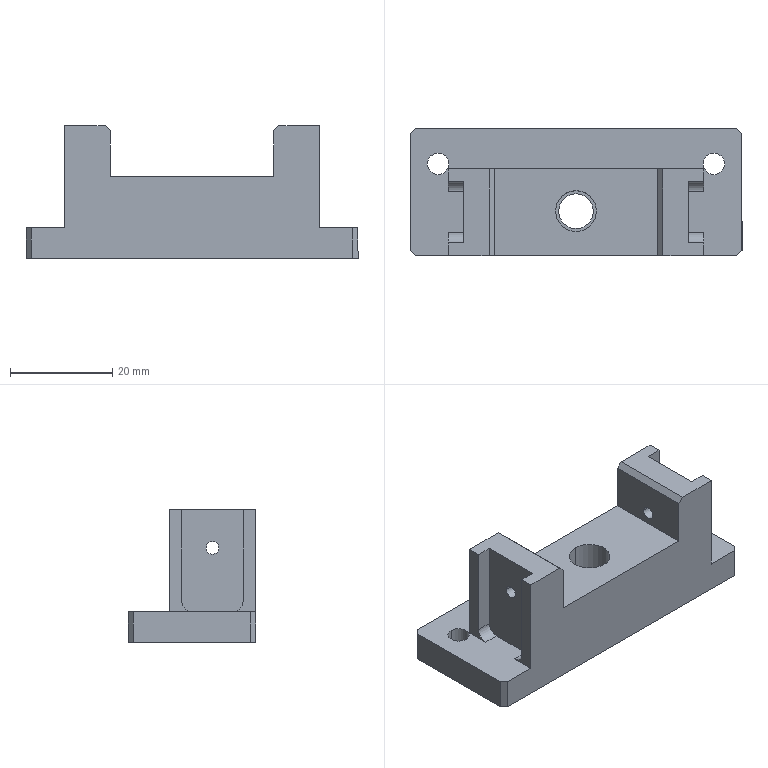Component | SolidWorks | F01AE00111-A2000-21TopEdgeAssembly-1_F01AE00111-A2056-1 | 1 solid | 45 faces | box 65 x 25 x 26 mm | volume 18871 mm3 | plane 29 | cylinder 16 | commonest cylinder face diameters 2.5 x4 4.2 x4 4 x4 8 x2 6.8 x2
build123d program:
from build123d import *

# Parameters (mm, degrees)
BOSS_EXTRUDE1_DEPTH      = 12.5
SKETCH2_W                = 8
SKETCH2_H                = 20
CUT_EXTRUDE1_DEPTH       = 65
M5_TAPPED_HOLE1_D        = 4.2
M5_TAPPED_HOLE1_DEPTH    = 12.4
M5_TAPPED_HOLE1_TIP      = 1.262
SKETCH5_W                = 32
SKETCH5_H                = 10
BOSS_EXTRUDE2_DEPTH      = 17
SKETCH6_W                = 3
SKETCH6_H                = 12
CUT_EXTRUDE2_DEPTH       = 20
M3_TAPPED_HOLE1_D        = 2.5
M3_TAPPED_HOLE1_DEPTH    = 7.5
M3_TAPPED_HOLE1_TIP      = 0.7511
M3_TAPPED_HOLE2_D        = 2.5
M3_TAPPED_HOLE2_DEPTH    = 7.5
M3_TAPPED_HOLE2_TIP      = 0.7511
FILLET1_R                = 2
CHAMFER1_SIZE            = 1
CHAMFER2_SIZE            = 1
M8_TAPPED_HOLE1_D        = 6.8
M8_TAPPED_HOLE1_DEPTH    = 19.75
M8_TAPPED_HOLE1_TIP      = 2.043
SKETCH1_R                = 4
IR_M8_ENGAGEDMAJOR_DEPTH = 6.25


with BuildPart() as part:
    # Sketch1_2 → Boss-Extrude1 (new, symmetric)
    with BuildSketch(Plane.XY):
        Polygon((-32.5, 0), (32.5, 0), (32.5, -6), (25, -6), (25, -26), (16, -26), (16, -6), (-16, -6), (-16, -26), (-25, -26), (-25, -6), (-32.5, -6), align=None)
    extrude(amount=BOSS_EXTRUDE1_DEPTH, both=True)

    # Sketch2 → Cut-Extrude1 (cut)
    with BuildSketch(Plane(origin=(25, 0, 0), x_dir=(0, 0, -1), z_dir=(1, 0, 0))):
        with Locations((-8.5, -16)):
            Rectangle(SKETCH2_W, SKETCH2_H)
    extrude(amount=-CUT_EXTRUDE1_DEPTH, mode=Mode.SUBTRACT)

    # M5 Tapped Hole1
    with Locations(Plane(origin=(0, 0, 0), x_dir=(1, 0, 0), z_dir=(0, 1, 0))):
        with Locations((27, -5.5), (-27, -5.5)):
            Hole(M5_TAPPED_HOLE1_D / 2, depth=M5_TAPPED_HOLE1_DEPTH)
            with Locations((0, 0, -(M5_TAPPED_HOLE1_DEPTH + M5_TAPPED_HOLE1_TIP / 2))):  # 118° drill point
                Cone(0, M5_TAPPED_HOLE1_D / 2, M5_TAPPED_HOLE1_TIP, mode=Mode.SUBTRACT)

    # Sketch5 → Boss-Extrude2 (add)
    with BuildSketch(Plane.XY.offset(4.5)):
        with Locations((0, -11)):
            Rectangle(SKETCH5_W, SKETCH5_H)
    extrude(amount=-BOSS_EXTRUDE2_DEPTH)

    # Sketch6 → Cut-Extrude2 (cut)
    with BuildSketch(Plane.XZ.offset(26)):
        with Locations((23.5, -4)):
            Rectangle(SKETCH6_W, SKETCH6_H)
        with Locations((-23.5, -4)):
            Rectangle(SKETCH6_W, SKETCH6_H)
    extrude(amount=-CUT_EXTRUDE2_DEPTH, mode=Mode.SUBTRACT)

    # M3 Tapped Hole1
    with Locations(Plane(origin=(22, 0, 0), x_dir=(0, 0, -1), z_dir=(1, 0, 0))):
        with Locations((4, -18.5)):
            Hole(M3_TAPPED_HOLE1_D / 2, depth=M3_TAPPED_HOLE1_DEPTH)
            with Locations((0, 0, -(M3_TAPPED_HOLE1_DEPTH + M3_TAPPED_HOLE1_TIP / 2))):  # 118° drill point
                Cone(0, M3_TAPPED_HOLE1_D / 2, M3_TAPPED_HOLE1_TIP, mode=Mode.SUBTRACT)

    # M3 Tapped Hole2
    with Locations(Plane.ZY.offset(22)):
        with Locations((-4, -18.5)):
            Hole(M3_TAPPED_HOLE2_D / 2, depth=M3_TAPPED_HOLE2_DEPTH)
            with Locations((0, 0, -(M3_TAPPED_HOLE2_DEPTH + M3_TAPPED_HOLE2_TIP / 2))):  # 118° drill point
                Cone(0, M3_TAPPED_HOLE2_D / 2, M3_TAPPED_HOLE2_TIP, mode=Mode.SUBTRACT)

    # Fillet1
    fillet1_edges = [part.edges().sort_by_distance(p)[0] for p in [
        (23.5, -6, 2),
        (23.5, -6, -10),
        (-23.5, -6, -10),
        (-23.5, -6, 2),
    ]]
    fillet(fillet1_edges, radius=FILLET1_R)

    # Chamfer1
    chamfer1_edges = [part.edges().sort_by_distance(p)[0] for p in [
        (32.5, -3, -12.5),
        (-32.5, -3, -12.5),
        (32.5, -3, 12.5),
        (-32.5, -3, 12.5),
    ]]
    chamfer(chamfer1_edges, length=CHAMFER1_SIZE)

    # Chamfer2
    chamfer2_edges = [part.edges().sort_by_distance(p)[0] for p in [
        (16, -26, -4),
        (-16, -26, -4),
    ]]
    chamfer(chamfer2_edges, length=CHAMFER2_SIZE)

    # M8 Tapped Hole1
    with Locations(Plane(origin=(0, -16, 0), x_dir=(-1, 0, 0), z_dir=(0, -1, 0))):
        with Locations((0, 3.75)):
            Hole(M8_TAPPED_HOLE1_D / 2, depth=M8_TAPPED_HOLE1_DEPTH)
            with Locations((0, 0, -(M8_TAPPED_HOLE1_DEPTH + M8_TAPPED_HOLE1_TIP / 2))):  # 118° drill point
                Cone(0, M8_TAPPED_HOLE1_D / 2, M8_TAPPED_HOLE1_TIP, mode=Mode.SUBTRACT)

    # Sketch1 → IR_M8_EngagedMajor (cut, symmetric)
    with BuildSketch(Plane(origin=(0, -9.75, 0), x_dir=(1, 0, 0), z_dir=(0, 1, 0))):
        with Locations(Location((0, 3.75, 0), (0, 0, 270))):
            Circle(SKETCH1_R)
    extrude(amount=IR_M8_ENGAGEDMAJOR_DEPTH, both=True, mode=Mode.SUBTRACT)


solid = part.part

# Placed as in the assembly
solid = solid.moved(Location((-109.352, 86.298, -375.975), (-90, 0, 0)))
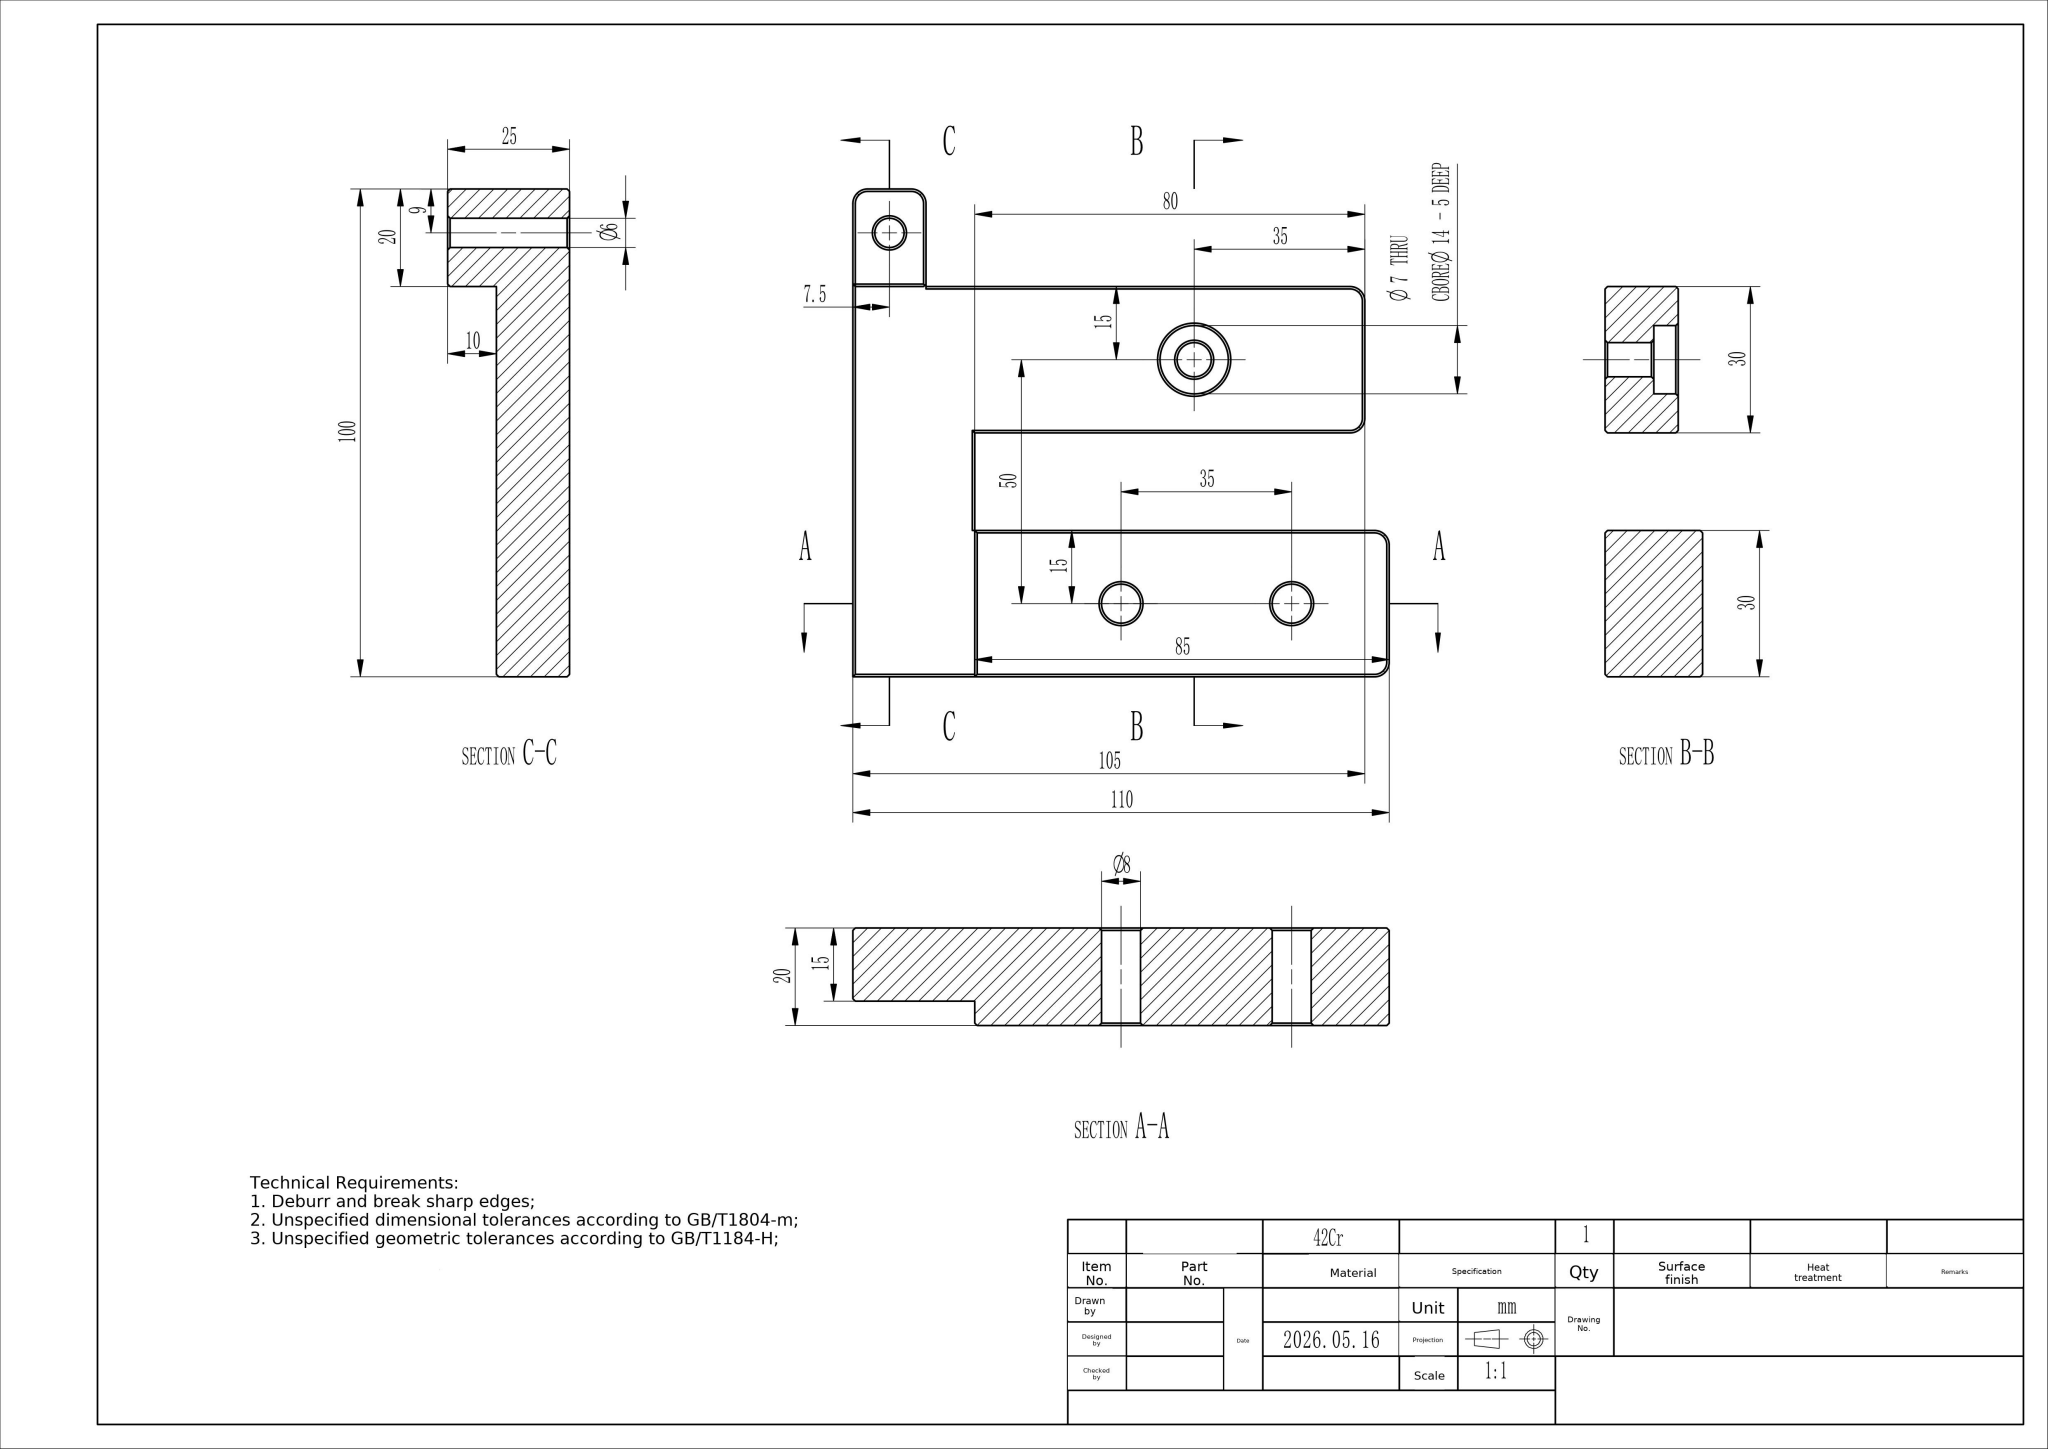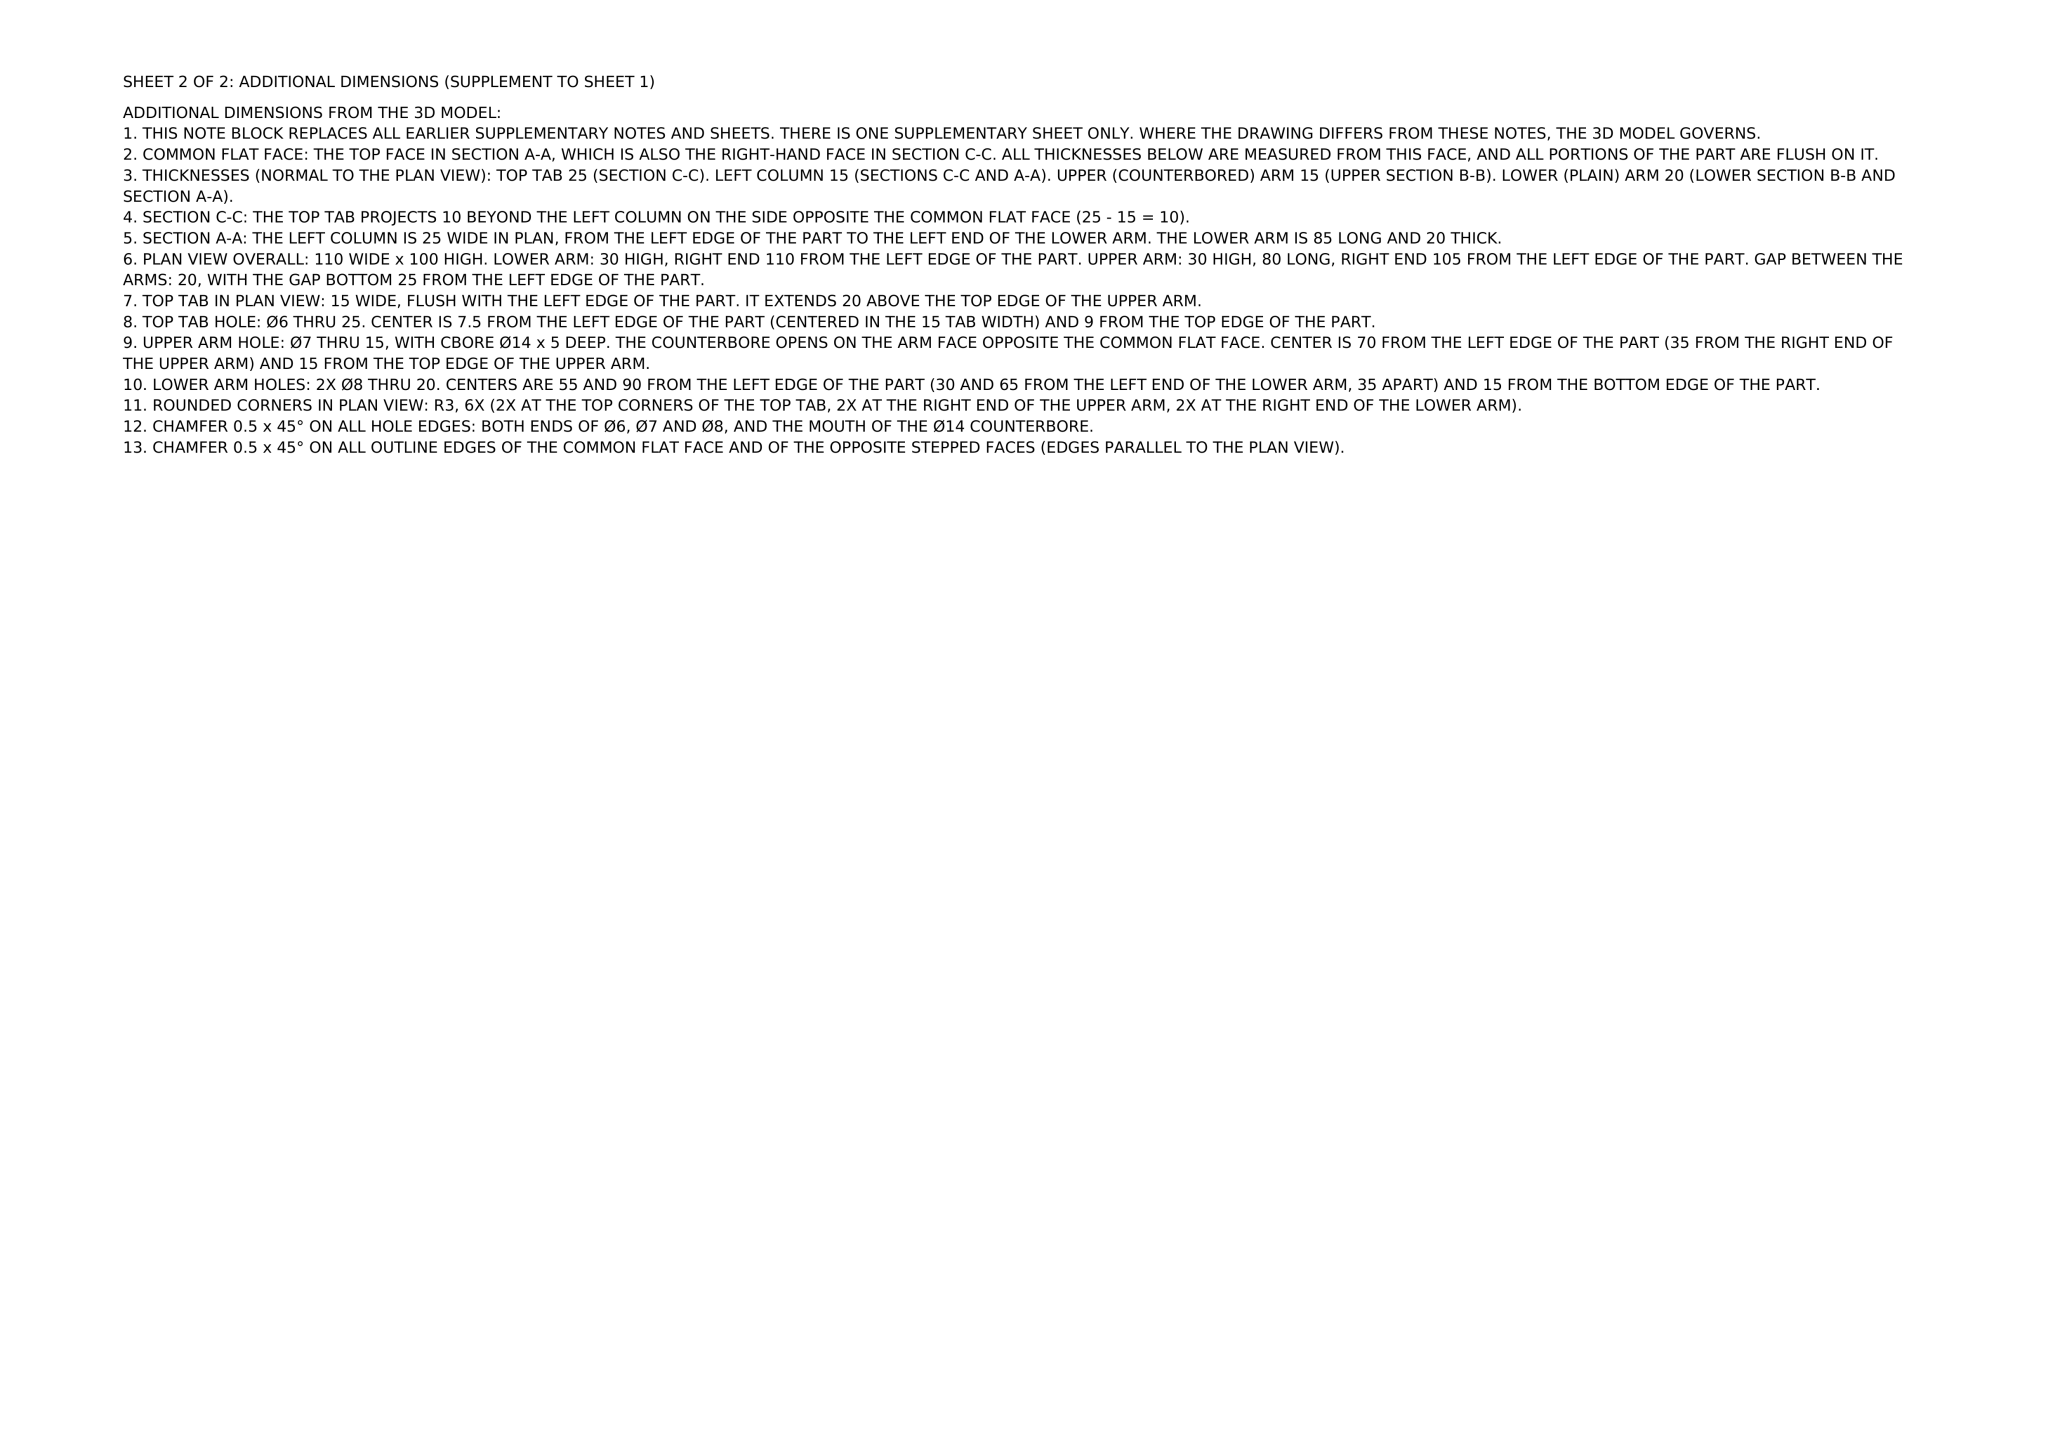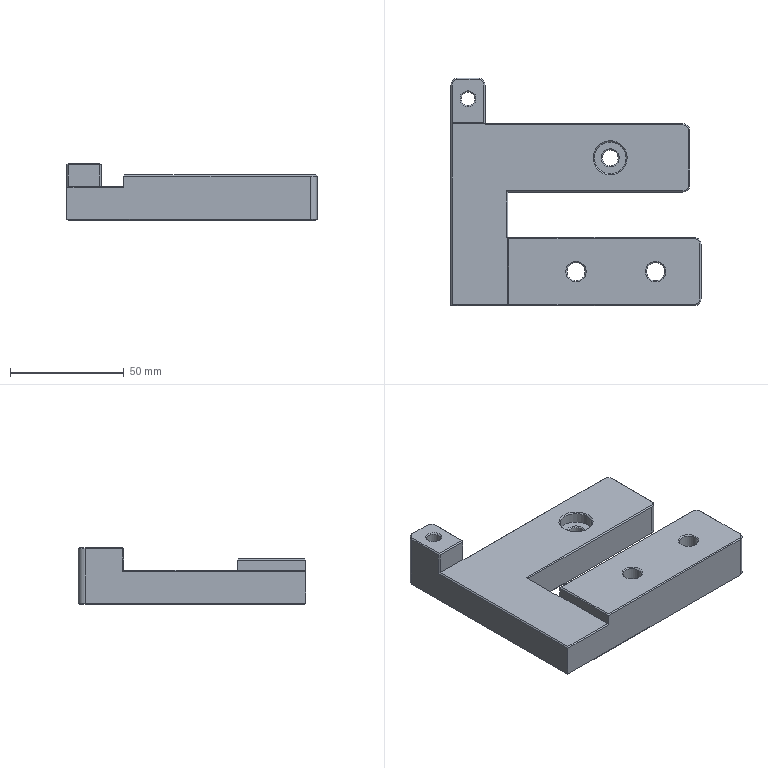Part | NX | mm | 1 solid | 76 faces | box 110 x 100 x 25 mm | volume 120216 mm3 | plane 44 | cone 21 | cylinder 11 | commonest cylinder face diameters 6 x7 8 x2 7 x1 14 x1
━━━━━━━━
- _EXERCISE OBJECTIVE_
Above are the records; copy exactly the lines from the line with "Hole(M3_TAPPED_HOLE1_D / 2, depth=M3_TAPPED_HOLE1_DEPTH)" through the line with "with Locations((0, 0, -(M3_TAPPED_HOLE2_DEPTH", both included.

- _EXERCISE SOLUTION_
            Hole(M3_TAPPED_HOLE1_D / 2, depth=M3_TAPPED_HOLE1_DEPTH)
            with Locations((0, 0, -(M3_TAPPED_HOLE1_DEPTH + M3_TAPPED_HOLE1_TIP / 2))):  # 118° drill point
                Cone(0, M3_TAPPED_HOLE1_D / 2, M3_TAPPED_HOLE1_TIP, mode=Mode.SUBTRACT)

    # M3 Tapped Hole2
    with Locations(Plane.ZY.offset(22)):
        with Locations((-4, -18.5)):
            Hole(M3_TAPPED_HOLE2_D / 2, depth=M3_TAPPED_HOLE2_DEPTH)
            with Locations((0, 0, -(M3_TAPPED_HOLE2_DEPTH + M3_TAPPED_HOLE2_TIP / 2))):  # 118° drill point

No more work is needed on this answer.